*Exercise objective*. An exact retyping of all lines below is the answer; pictures do not belong in it.

*Data excerpts*.
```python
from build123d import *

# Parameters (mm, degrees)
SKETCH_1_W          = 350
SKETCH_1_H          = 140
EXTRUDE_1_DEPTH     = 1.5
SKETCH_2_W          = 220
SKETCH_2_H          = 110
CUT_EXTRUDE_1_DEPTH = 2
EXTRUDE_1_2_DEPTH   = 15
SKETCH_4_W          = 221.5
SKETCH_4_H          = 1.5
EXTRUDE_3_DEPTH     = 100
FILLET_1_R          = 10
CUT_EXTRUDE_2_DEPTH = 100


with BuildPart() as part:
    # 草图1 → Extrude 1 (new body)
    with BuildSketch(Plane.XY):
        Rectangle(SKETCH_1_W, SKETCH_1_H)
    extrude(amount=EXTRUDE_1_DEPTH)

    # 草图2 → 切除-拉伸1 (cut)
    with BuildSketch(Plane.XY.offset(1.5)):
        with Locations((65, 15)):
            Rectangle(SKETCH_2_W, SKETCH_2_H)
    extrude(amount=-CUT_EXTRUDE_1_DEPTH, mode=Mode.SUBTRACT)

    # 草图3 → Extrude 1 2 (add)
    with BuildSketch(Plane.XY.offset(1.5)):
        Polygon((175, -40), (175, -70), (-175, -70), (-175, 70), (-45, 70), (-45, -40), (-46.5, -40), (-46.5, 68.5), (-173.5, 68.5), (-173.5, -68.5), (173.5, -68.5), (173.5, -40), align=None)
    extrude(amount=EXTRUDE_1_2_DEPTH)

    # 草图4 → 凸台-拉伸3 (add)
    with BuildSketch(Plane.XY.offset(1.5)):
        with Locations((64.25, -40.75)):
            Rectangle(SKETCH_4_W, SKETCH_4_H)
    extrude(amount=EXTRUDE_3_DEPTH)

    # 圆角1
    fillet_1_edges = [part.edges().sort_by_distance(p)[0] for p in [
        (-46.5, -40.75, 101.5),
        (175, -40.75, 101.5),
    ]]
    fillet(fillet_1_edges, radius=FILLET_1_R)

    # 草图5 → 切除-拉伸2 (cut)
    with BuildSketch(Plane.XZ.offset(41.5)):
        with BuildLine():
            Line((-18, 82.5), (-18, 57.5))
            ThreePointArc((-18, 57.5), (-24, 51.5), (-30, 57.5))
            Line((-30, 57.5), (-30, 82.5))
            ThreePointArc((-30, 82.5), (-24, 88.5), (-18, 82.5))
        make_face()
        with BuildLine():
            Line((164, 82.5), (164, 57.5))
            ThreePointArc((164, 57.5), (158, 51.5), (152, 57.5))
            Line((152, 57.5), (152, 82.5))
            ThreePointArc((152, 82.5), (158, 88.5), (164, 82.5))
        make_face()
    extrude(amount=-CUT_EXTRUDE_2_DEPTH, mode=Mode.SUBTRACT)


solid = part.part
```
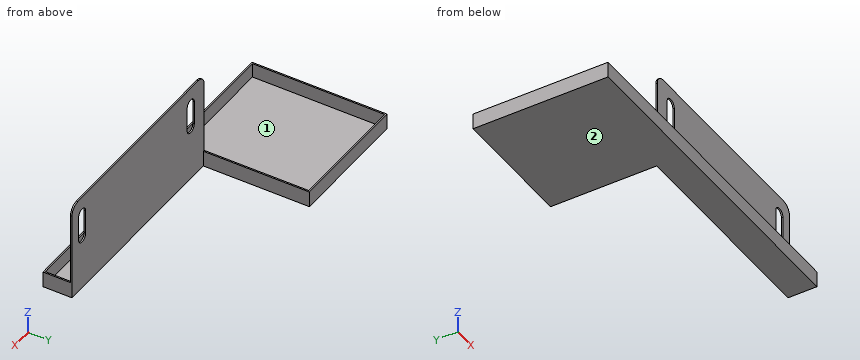
The listing builds one solid part. Answer for the finished solid, in the listing's coordinates (mm). Face numbers are marked on the shaded views. Coordinates: 2 decimals unless noted, no trailing zeros. Write each loop counter-clockwise with the first axis right and the second up, starting at its lowest first coordinate (ties: lowest second). Pieces come first, ordered by that corner, then holes. Notation, with made-up numbers: (75.25, -5.5) - (123.25, -5.5) arc R29 ccw to (123.25, 30.5) - close; hole circle Ø5 at (30.25, 35.25). An arc over 180 degrees is marked (long way). Return JSON: item names as keys, results as strings. Group by question number.
1. A cutting plane is placed at B-B, the plane z = 73. Determine the outline of the cut face in (x, y), plus the area to 3 significant figures.
2. Straight lines are drawn through the part: L1, parallel to Y at x = 58, z = 11.5; L2, parallel to Y at x = -7, z = 78; L3, parallel to Z at x = -49, y = 31. For each, find the intervals that lie inside material, in ascending order.
3. Given pin 1 (12 mm diameter, centred on x = 4.5, z = 29.5, fed in from -Y); pin 2 (16.5 mm diameter, centred on x = 35, z = 10, fed in from +Y); pin 3 (4.5 mm diameter, centred on y = 6.5, z = 10, fed in from +X), each flat-ended and moving along its own axis, determine where each tip first touches the part or whether it passes through.
4. A cutting plane is placed at C-C, the plane y = -49.5. Determine the outline of the cut face in (x, z).
5. Determine the mould class of the marked faces 1 and 2 for opening direction Y: released by +Y, released by -Y, zero draft, split by the parting line, or undercut.
6. A cutting plane is placed at D-D, the plane x = -60. Determine the outline of the cut face in (y, z).
7. A cutting plane is placed at A-A, the plane x = 158. Determine the outline of the cut face in (y, z), plus the area to 3 significant figures.
Ans:
{
 "1": {"outline": "(-46.5, -41.5) - (-30, -41.5) - (-30, -40) - (-46.5, -40) - close; (-18, -41.5) - (152, -41.5) - (152, -40) - (-18, -40) - close; (164, -41.5) - (175, -41.5) - (175, -40) - (164, -40) - close", "area": "296 mm²"},
 "2": {"L1": "-70 to -68.5, -41.5 to -40", "L2": "-41.5 to -40", "L3": "0 to 1.5"},
 "3": {"pin 1": "y = -41.5", "pin 2": "y = -40", "pin 3": "x = -45"},
 "4": {"outline": "(-175, 0) - (175, 0) - (175, 16.5) - (173.5, 16.5) - (173.5, 1.5) - (-173.5, 1.5) - (-173.5, 16.5) - (-175, 16.5) - close"},
 "5": {"face 1": "undercut", "face 2": "zero draft"},
 "6": {"outline": "(-70, 0) - (70, 0) - (70, 16.5) - (68.5, 16.5) - (68.5, 1.5) - (-68.5, 1.5) - (-68.5, 16.5) - (-70, 16.5) - close"},
 "7": {"outline": "(-70, 0) - (-40, 0) - (-40, 51.5) - (-41.5, 51.5) - (-41.5, 1.5) - (-68.5, 1.5) - (-68.5, 16.5) - (-70, 16.5) - close; (-41.5, 88.5) - (-40, 88.5) - (-40, 101.5) - (-41.5, 101.5) - close", "area": "162 mm²"}
}

*Task result*.
```python
from build123d import *

# Parameters (mm, degrees)
SKETCH_1_W          = 350
SKETCH_1_H          = 140
EXTRUDE_1_DEPTH     = 1.5
SKETCH_2_W          = 220
SKETCH_2_H          = 110
CUT_EXTRUDE_1_DEPTH = 2
EXTRUDE_1_2_DEPTH   = 15
SKETCH_4_W          = 221.5
SKETCH_4_H          = 1.5
EXTRUDE_3_DEPTH     = 100
FILLET_1_R          = 10
CUT_EXTRUDE_2_DEPTH = 100


with BuildPart() as part:
    # 草图1 → Extrude 1 (new body)
    with BuildSketch(Plane.XY):
        Rectangle(SKETCH_1_W, SKETCH_1_H)
    extrude(amount=EXTRUDE_1_DEPTH)

    # 草图2 → 切除-拉伸1 (cut)
    with BuildSketch(Plane.XY.offset(1.5)):
        with Locations((65, 15)):
            Rectangle(SKETCH_2_W, SKETCH_2_H)
    extrude(amount=-CUT_EXTRUDE_1_DEPTH, mode=Mode.SUBTRACT)

    # 草图3 → Extrude 1 2 (add)
    with BuildSketch(Plane.XY.offset(1.5)):
        Polygon((175, -40), (175, -70), (-175, -70), (-175, 70), (-45, 70), (-45, -40), (-46.5, -40), (-46.5, 68.5), (-173.5, 68.5), (-173.5, -68.5), (173.5, -68.5), (173.5, -40), align=None)
    extrude(amount=EXTRUDE_1_2_DEPTH)

    # 草图4 → 凸台-拉伸3 (add)
    with BuildSketch(Plane.XY.offset(1.5)):
        with Locations((64.25, -40.75)):
            Rectangle(SKETCH_4_W, SKETCH_4_H)
    extrude(amount=EXTRUDE_3_DEPTH)

    # 圆角1
    fillet_1_edges = [part.edges().sort_by_distance(p)[0] for p in [
        (-46.5, -40.75, 101.5),
        (175, -40.75, 101.5),
    ]]
    fillet(fillet_1_edges, radius=FILLET_1_R)

    # 草图5 → 切除-拉伸2 (cut)
    with BuildSketch(Plane.XZ.offset(41.5)):
        with BuildLine():
            Line((-18, 82.5), (-18, 57.5))
            ThreePointArc((-18, 57.5), (-24, 51.5), (-30, 57.5))
            Line((-30, 57.5), (-30, 82.5))
            ThreePointArc((-30, 82.5), (-24, 88.5), (-18, 82.5))
        make_face()
        with BuildLine():
            Line((164, 82.5), (164, 57.5))
            ThreePointArc((164, 57.5), (158, 51.5), (152, 57.5))
            Line((152, 57.5), (152, 82.5))
            ThreePointArc((152, 82.5), (158, 88.5), (164, 82.5))
        make_face()
    extrude(amount=-CUT_EXTRUDE_2_DEPTH, mode=Mode.SUBTRACT)


solid = part.part
```
The listing builds one solid part. Answer for the finished solid, in the listing's coordinates (mm). Face numbers are marked on the shaded views. Coordinates: 2 decimals unless noted, no trailing zeros. Write each loop counter-clockwise with the first axis right and the second up, starting at its lowest first coordinate (ties: lowest second). Pieces come first, ordered by that corner, then holes. Notation, with made-up numbers: (75.25, -5.5) - (123.25, -5.5) arc R29 ccw to (123.25, 30.5) - close; hole circle Ø5 at (30.25, 35.25). An arc over 180 degrees is marked (long way). Return JSON: item names as keys, results as strings. Group by question number.
1. A cutting plane is placed at B-B, the plane z = 73. Determine the outline of the cut face in (x, y), plus the area to 3 significant figures.
2. Straight lines are drawn through the part: L1, parallel to Y at x = 58, z = 11.5; L2, parallel to Y at x = -7, z = 78; L3, parallel to Z at x = -49, y = 31. For each, find the intervals that lie inside material, in ascending order.
3. Given pin 1 (12 mm diameter, centred on x = 4.5, z = 29.5, fed in from -Y); pin 2 (16.5 mm diameter, centred on x = 35, z = 10, fed in from +Y); pin 3 (4.5 mm diameter, centred on y = 6.5, z = 10, fed in from +X), each flat-ended and moving along its own axis, determine where each tip first touches the part or whether it passes through.
4. A cutting plane is placed at C-C, the plane y = -49.5. Determine the outline of the cut face in (x, z).
5. Determine the mould class of the marked faces 1 and 2 for opening direction Y: released by +Y, released by -Y, zero draft, split by the parting line, or undercut.
6. A cutting plane is placed at D-D, the plane x = -60. Determine the outline of the cut face in (y, z).
7. A cutting plane is placed at A-A, the plane x = 158. Determine the outline of the cut face in (y, z), plus the area to 3 significant figures.
Ans:
{
 "1": {"outline": "(-46.5, -41.5) - (-30, -41.5) - (-30, -40) - (-46.5, -40) - close; (-18, -41.5) - (152, -41.5) - (152, -40) - (-18, -40) - close; (164, -41.5) - (175, -41.5) - (175, -40) - (164, -40) - close", "area": "296 mm²"},
 "2": {"L1": "-70 to -68.5, -41.5 to -40", "L2": "-41.5 to -40", "L3": "0 to 1.5"},
 "3": {"pin 1": "y = -41.5", "pin 2": "y = -40", "pin 3": "x = -45"},
 "4": {"outline": "(-175, 0) - (175, 0) - (175, 16.5) - (173.5, 16.5) - (173.5, 1.5) - (-173.5, 1.5) - (-173.5, 16.5) - (-175, 16.5) - close"},
 "5": {"face 1": "undercut", "face 2": "zero draft"},
 "6": {"outline": "(-70, 0) - (70, 0) - (70, 16.5) - (68.5, 16.5) - (68.5, 1.5) - (-68.5, 1.5) - (-68.5, 16.5) - (-70, 16.5) - close"},
 "7": {"outline": "(-70, 0) - (-40, 0) - (-40, 51.5) - (-41.5, 51.5) - (-41.5, 1.5) - (-68.5, 1.5) - (-68.5, 16.5) - (-70, 16.5) - close; (-41.5, 88.5) - (-40, 88.5) - (-40, 101.5) - (-41.5, 101.5) - close", "area": "162 mm²"}
}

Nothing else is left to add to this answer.